▶ _PROBLEM DESCRIPTION_
Every entry below should be reproduced exactly, with all pictures left out.

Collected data
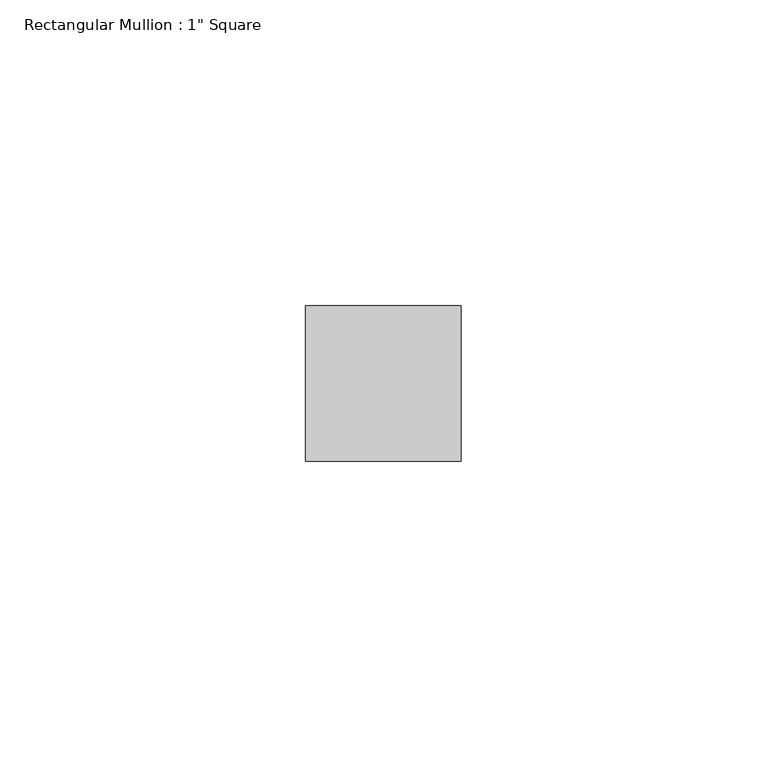
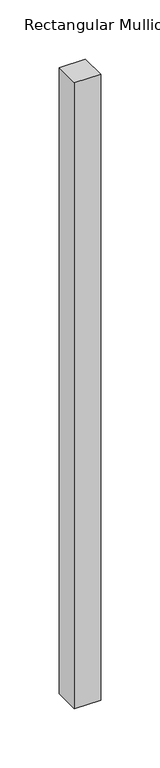
"""IFC4 building model written with IfcOpenShell, lengths in millimetres: member geometry."""

from ifc_helpers import new_model, si_unit, frame, origin, place, context, project, spatial, polyline, outline, extrude, source, transform, mapped, element, save


def member_a5642750(model_context):
    return source(origin(), model_context, "Body", "SweptSolid", [
        extrude(outline(polyline([(0.0, 12.7), (0.0, -12.7), (-25.4, -12.7), (-25.4, 12.7), (0.0, 12.7)])), frame((0.0, 0.0, -643.4666667), z_axis=(0.0, 0.0, 1.0), x_axis=(1.0, 0.0, 0.0)), (0.0, 0.0, 1.0), 643.4666667),
    ])


if __name__ == "__main__":
    model = new_model("IFC4")
    model_context = context("Model", 3, world=origin())
    ifc_project = project(units=[si_unit("LENGTHUNIT", "METRE", prefix="MILLI")], contexts=[model_context])
    site = spatial("IfcSite", under=ifc_project)
    building = spatial("IfcBuilding", under=site)
    placement = place(None, origin())
    member_shape = member_a5642750(model_context)
    element("IfcMember", 1, ObjectType="Rectangular Mullion : 1\" Square", at=placement, inside=building, context=model_context, shape_type="MappedRepresentation", body=[
        mapped(member_shape, transform((0.0, 0.0, 0.0), x_axis=(1.0, 0.0, 0.0), y_axis=(0.0, 1.0, 0.0), z_axis=(0.0, 0.0, 1.0))),
    ])
    save(model, "model.ifc")

# Revit data of these elements
# Type "Rectangular Mullion : 1\" Square"
#   built-in parameter 1007304 = 0.0833333 (stored number, unit not read)
#   built-in parameter 1007301 = 0.0416667 (stored number, unit not read)
#   built-in parameter 1007300 = 0.0416667 (stored number, unit not read)
# Element 1 (IfcMember, "Rectangular Mullion : 1\" Square")
#   Materials on its faces: "Aluminum"
# Materials
#   "Aluminum": class "Metal", colour RGB 247 247 247, transparency 0, Description = "Aluminum 6061", Cost = 0

▶ _FINISHED TASK_
"""IFC4 building model written with IfcOpenShell, lengths in millimetres: member geometry."""

from ifc_helpers import new_model, si_unit, frame, origin, place, context, project, spatial, polyline, outline, extrude, source, transform, mapped, element, save


def member_a5642750(model_context):
    return source(origin(), model_context, "Body", "SweptSolid", [
        extrude(outline(polyline([(0.0, 12.7), (0.0, -12.7), (-25.4, -12.7), (-25.4, 12.7), (0.0, 12.7)])), frame((0.0, 0.0, -643.4666667), z_axis=(0.0, 0.0, 1.0), x_axis=(1.0, 0.0, 0.0)), (0.0, 0.0, 1.0), 643.4666667),
    ])


if __name__ == "__main__":
    model = new_model("IFC4")
    model_context = context("Model", 3, world=origin())
    ifc_project = project(units=[si_unit("LENGTHUNIT", "METRE", prefix="MILLI")], contexts=[model_context])
    site = spatial("IfcSite", under=ifc_project)
    building = spatial("IfcBuilding", under=site)
    placement = place(None, origin())
    member_shape = member_a5642750(model_context)
    element("IfcMember", 1, ObjectType="Rectangular Mullion : 1\" Square", at=placement, inside=building, context=model_context, shape_type="MappedRepresentation", body=[
        mapped(member_shape, transform((0.0, 0.0, 0.0), x_axis=(1.0, 0.0, 0.0), y_axis=(0.0, 1.0, 0.0), z_axis=(0.0, 0.0, 1.0))),
    ])
    save(model, "model.ifc")

# Revit data of these elements
# Type "Rectangular Mullion : 1\" Square"
#   built-in parameter 1007304 = 0.0833333 (stored number, unit not read)
#   built-in parameter 1007301 = 0.0416667 (stored number, unit not read)
#   built-in parameter 1007300 = 0.0416667 (stored number, unit not read)
# Element 1 (IfcMember, "Rectangular Mullion : 1\" Square")
#   Materials on its faces: "Aluminum"
# Materials
#   "Aluminum": class "Metal", colour RGB 247 247 247, transparency 0, Description = "Aluminum 6061", Cost = 0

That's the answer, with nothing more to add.